◆ Task objective: If a line of the records contains the word "origin", list it.

◆ Records:

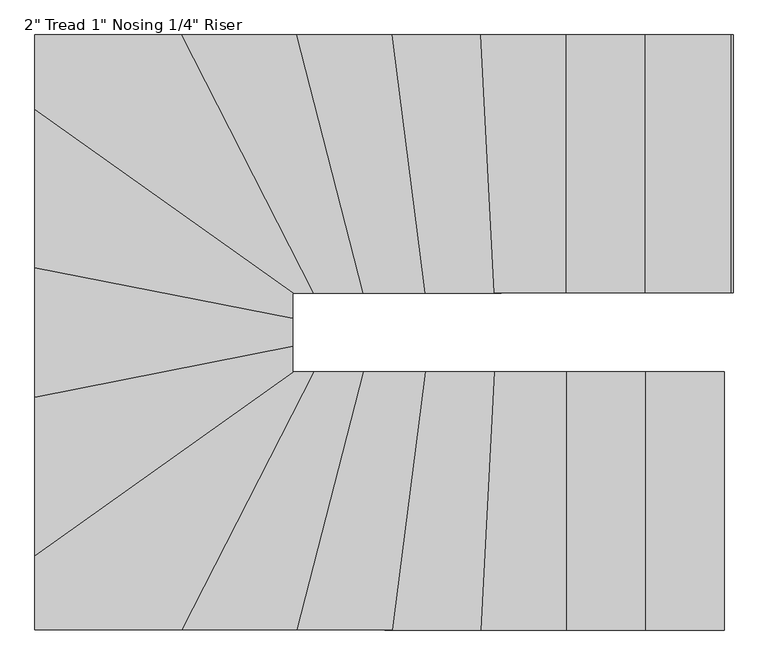
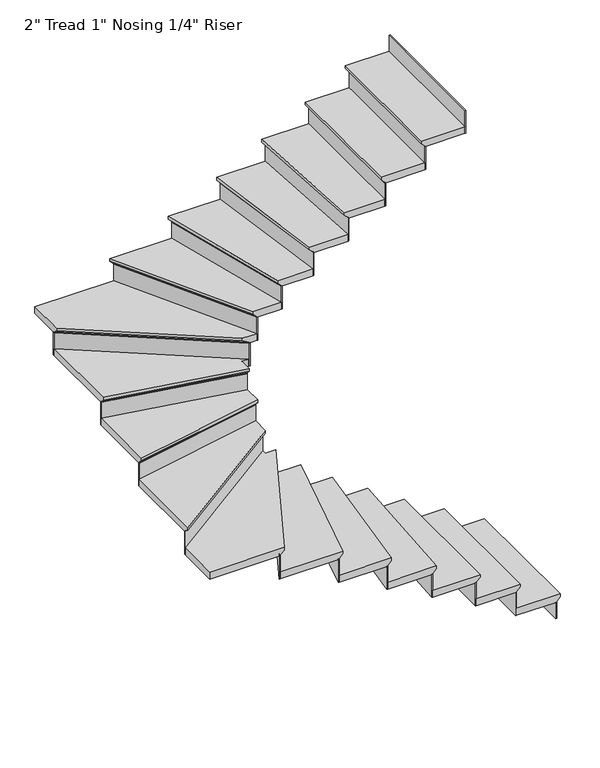
"""IFC4 building model written with IfcOpenShell, lengths in millimetres: stair flight geometry."""

from ifc_helpers import new_model, si_unit, origin, place, context, project, spatial, faceted_brep, source, transform, mapped, element, save


def stair_flight_48a9080d(model_context):
    return source(origin(), model_context, "Body", "Brep", [
        faceted_brep([(-8055.8175858, 298.353629, 150.2833333), (-8055.8175858, 298.353629, 169.3333333), (-8055.8175858, -616.046371, 169.3333333), (-8055.8175858, -616.046371, 150.2833333), (-8081.2175858, 298.353629, 124.8833333), (-8081.2175858, -616.046371, 124.8833333), (-8360.6175858, 298.353629, 169.3333333), (-8360.6175858, -616.046371, 169.3333333), (-8081.2175858, -616.046371, 118.5333333), (-8360.6175858, -616.046371, 118.5333333), (-8360.6175858, 298.353629, 118.5333333), (-8081.2175858, 298.353629, 118.5333333)], [[[0, 1, 2, 3]], [[4, 0, 3, 5]], [[2, 1, 6, 7]], [[8, 9, 10, 11]], [[2, 7, 9, 8, 5, 3]], [[8, 11, 4, 5]], [[6, 1, 0, 4, 11, 10]], [[7, 6, 10, 9]]]),
        faceted_brep([(-8081.2175858, 298.353629, 118.5333333), (-8081.2175858, 298.353629, 0.0), (-8087.5675858, 298.353629, 0.0), (-8087.5675858, 298.353629, 118.5333333), (-8081.2175858, -616.046371, 118.5333333), (-8087.5675858, -616.046371, 118.5333333), (-8087.5675858, -616.046371, 0.0), (-8081.2175858, -616.046371, 0.0)], [[[0, 1, 2, 3]], [[4, 5, 6, 7]], [[1, 0, 4, 7]], [[2, 1, 7, 6]], [[3, 2, 6, 5]], [[0, 3, 5, 4]]]),
        faceted_brep([(-8360.6175858, 298.353629, 287.8666667), (-8360.6175858, 298.353629, 118.5333333), (-8366.9675858, 298.353629, 118.5333333), (-8366.9675858, 298.353629, 287.8666667), (-8360.6175858, -616.046371, 287.8666667), (-8366.9675858, -616.046371, 287.8666667), (-8366.9675858, -616.046371, 118.5333333), (-8360.6175858, -616.046371, 118.5333333)], [[[0, 1, 2, 3]], [[4, 5, 6, 7]], [[1, 0, 4, 7]], [[2, 1, 7, 6]], [[3, 2, 6, 5]], [[0, 3, 5, 4]]]),
        faceted_brep([(-8335.2175858, -616.046371, 338.6666667), (-8335.2175858, 298.353629, 338.6666667), (-8640.0175858, 298.353629, 338.6666667), (-8640.0175858, -616.046371, 338.6666667), (-8360.6175858, -616.046371, 287.8666667), (-8640.0175858, -616.046371, 287.8666667), (-8640.0175858, 298.353629, 287.8666667), (-8360.6175858, 298.353629, 287.8666667), (-8360.6175858, -616.046371, 294.2166667), (-8335.2175858, -616.046371, 319.6166667), (-8360.6175858, 298.353629, 294.2166667), (-8335.2175858, 298.353629, 319.6166667)], [[[0, 1, 2, 3]], [[4, 5, 6, 7]], [[0, 3, 5, 4, 8, 9]], [[4, 7, 10, 8]], [[2, 1, 11, 10, 7, 6]], [[3, 2, 6, 5]], [[11, 1, 0, 9]], [[10, 11, 9, 8]]]),
        faceted_brep([(-8640.0175858, 298.353629, 457.2), (-8640.0175858, 298.353629, 287.8666667), (-8646.3675858, 298.353629, 287.8666667), (-8646.3675858, 298.353629, 457.2), (-8640.0175858, -616.046371, 457.2), (-8646.3675858, -616.046371, 457.2), (-8646.3675858, -616.046371, 287.8666667), (-8640.0175858, -616.046371, 287.8666667)], [[[0, 1, 2, 3]], [[4, 5, 6, 7]], [[1, 0, 4, 7]], [[2, 1, 7, 6]], [[3, 2, 6, 5]], [[0, 3, 5, 4]]]),
        faceted_brep([(-8614.6175858, -616.046371, 508.0), (-8614.6175858, 298.353629, 508.0), (-8895.6847473, 298.353629, 508.0), (-8943.2190177, -616.046371, 508.0), (-8640.0175858, -616.046371, 457.2), (-8943.2190177, -616.046371, 457.2), (-8895.6847473, 298.353629, 457.2), (-8640.0175858, 298.353629, 457.2), (-8640.0175858, -616.046371, 463.55), (-8614.6175858, -616.046371, 488.95), (-8640.0175858, 298.353629, 463.55), (-8614.6175858, 298.353629, 488.95)], [[[0, 1, 2, 3]], [[4, 5, 6, 7]], [[0, 3, 5, 4, 8, 9]], [[4, 7, 10, 8]], [[2, 1, 11, 10, 7, 6]], [[3, 2, 6, 5]], [[11, 1, 0, 9]], [[10, 11, 9, 8]]]),
        faceted_brep([(-8895.6847473, 298.353629, 626.5333333), (-8895.6847473, 298.353629, 457.2), (-8902.0433214, 298.353629, 457.2), (-8902.0433214, 298.353629, 626.5333333), (-8943.2190177, -616.046371, 626.5333333), (-8949.5775918, -616.046371, 626.5333333), (-8949.5775918, -616.046371, 457.2), (-8943.2190177, -616.046371, 457.2)], [[[0, 1, 2, 3]], [[4, 5, 6, 7]], [[1, 0, 4, 7]], [[2, 1, 7, 6]], [[3, 2, 6, 5]], [[0, 3, 5, 4]]]),
        faceted_brep([(-8917.784721, -616.046371, 677.3333333), (-8870.2504506, 298.353629, 677.3333333), (-9139.8514471, 298.353629, 677.3333333), (-9258.2074987, -616.046371, 677.3333333), (-8943.2190177, -616.046371, 626.5333333), (-9258.2074987, -616.046371, 626.5333333), (-9139.8514471, 298.353629, 626.5333333), (-8895.6847473, 298.353629, 626.5333333), (-8943.2190177, -616.046371, 632.8833333), (-8917.784721, -616.046371, 658.2833333), (-8895.6847473, 298.353629, 632.8833333), (-8870.2504506, 298.353629, 658.2833333)], [[[0, 1, 2, 3]], [[4, 5, 6, 7]], [[0, 3, 5, 4, 8, 9]], [[4, 7, 10, 8]], [[2, 1, 11, 10, 7, 6]], [[3, 2, 6, 5]], [[11, 1, 0, 9]], [[10, 11, 9, 8]]]),
        faceted_brep([(-9139.8514471, 298.353629, 795.8666667), (-9139.8514471, 298.353629, 626.5333333), (-9146.2544189, 298.353629, 626.5333333), (-9146.2544189, 298.353629, 795.8666667), (-9258.2074987, -616.046371, 795.8666667), (-9264.6104705, -616.046371, 795.8666667), (-9264.6104705, -616.046371, 626.5333333), (-9258.2074987, -616.046371, 626.5333333)], [[[0, 1, 2, 3]], [[4, 5, 6, 7]], [[1, 0, 4, 7]], [[2, 1, 7, 6]], [[3, 2, 6, 5]], [[0, 3, 5, 4]]]),
        faceted_brep([(-9232.5956116, -616.046371, 846.6666667), (-9114.23956, 298.353629, 846.6666667), (-9361.4786696, 298.353629, 846.6666667), (-9596.609117, -616.046371, 846.6666667), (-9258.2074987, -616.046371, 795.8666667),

◆ Task output:
from ifc_helpers import new_model, si_unit, origin, place, context, project, spatial, faceted_brep, source, transform, mapped, element, save
    return source(origin(), model_context, "Body", "Brep", [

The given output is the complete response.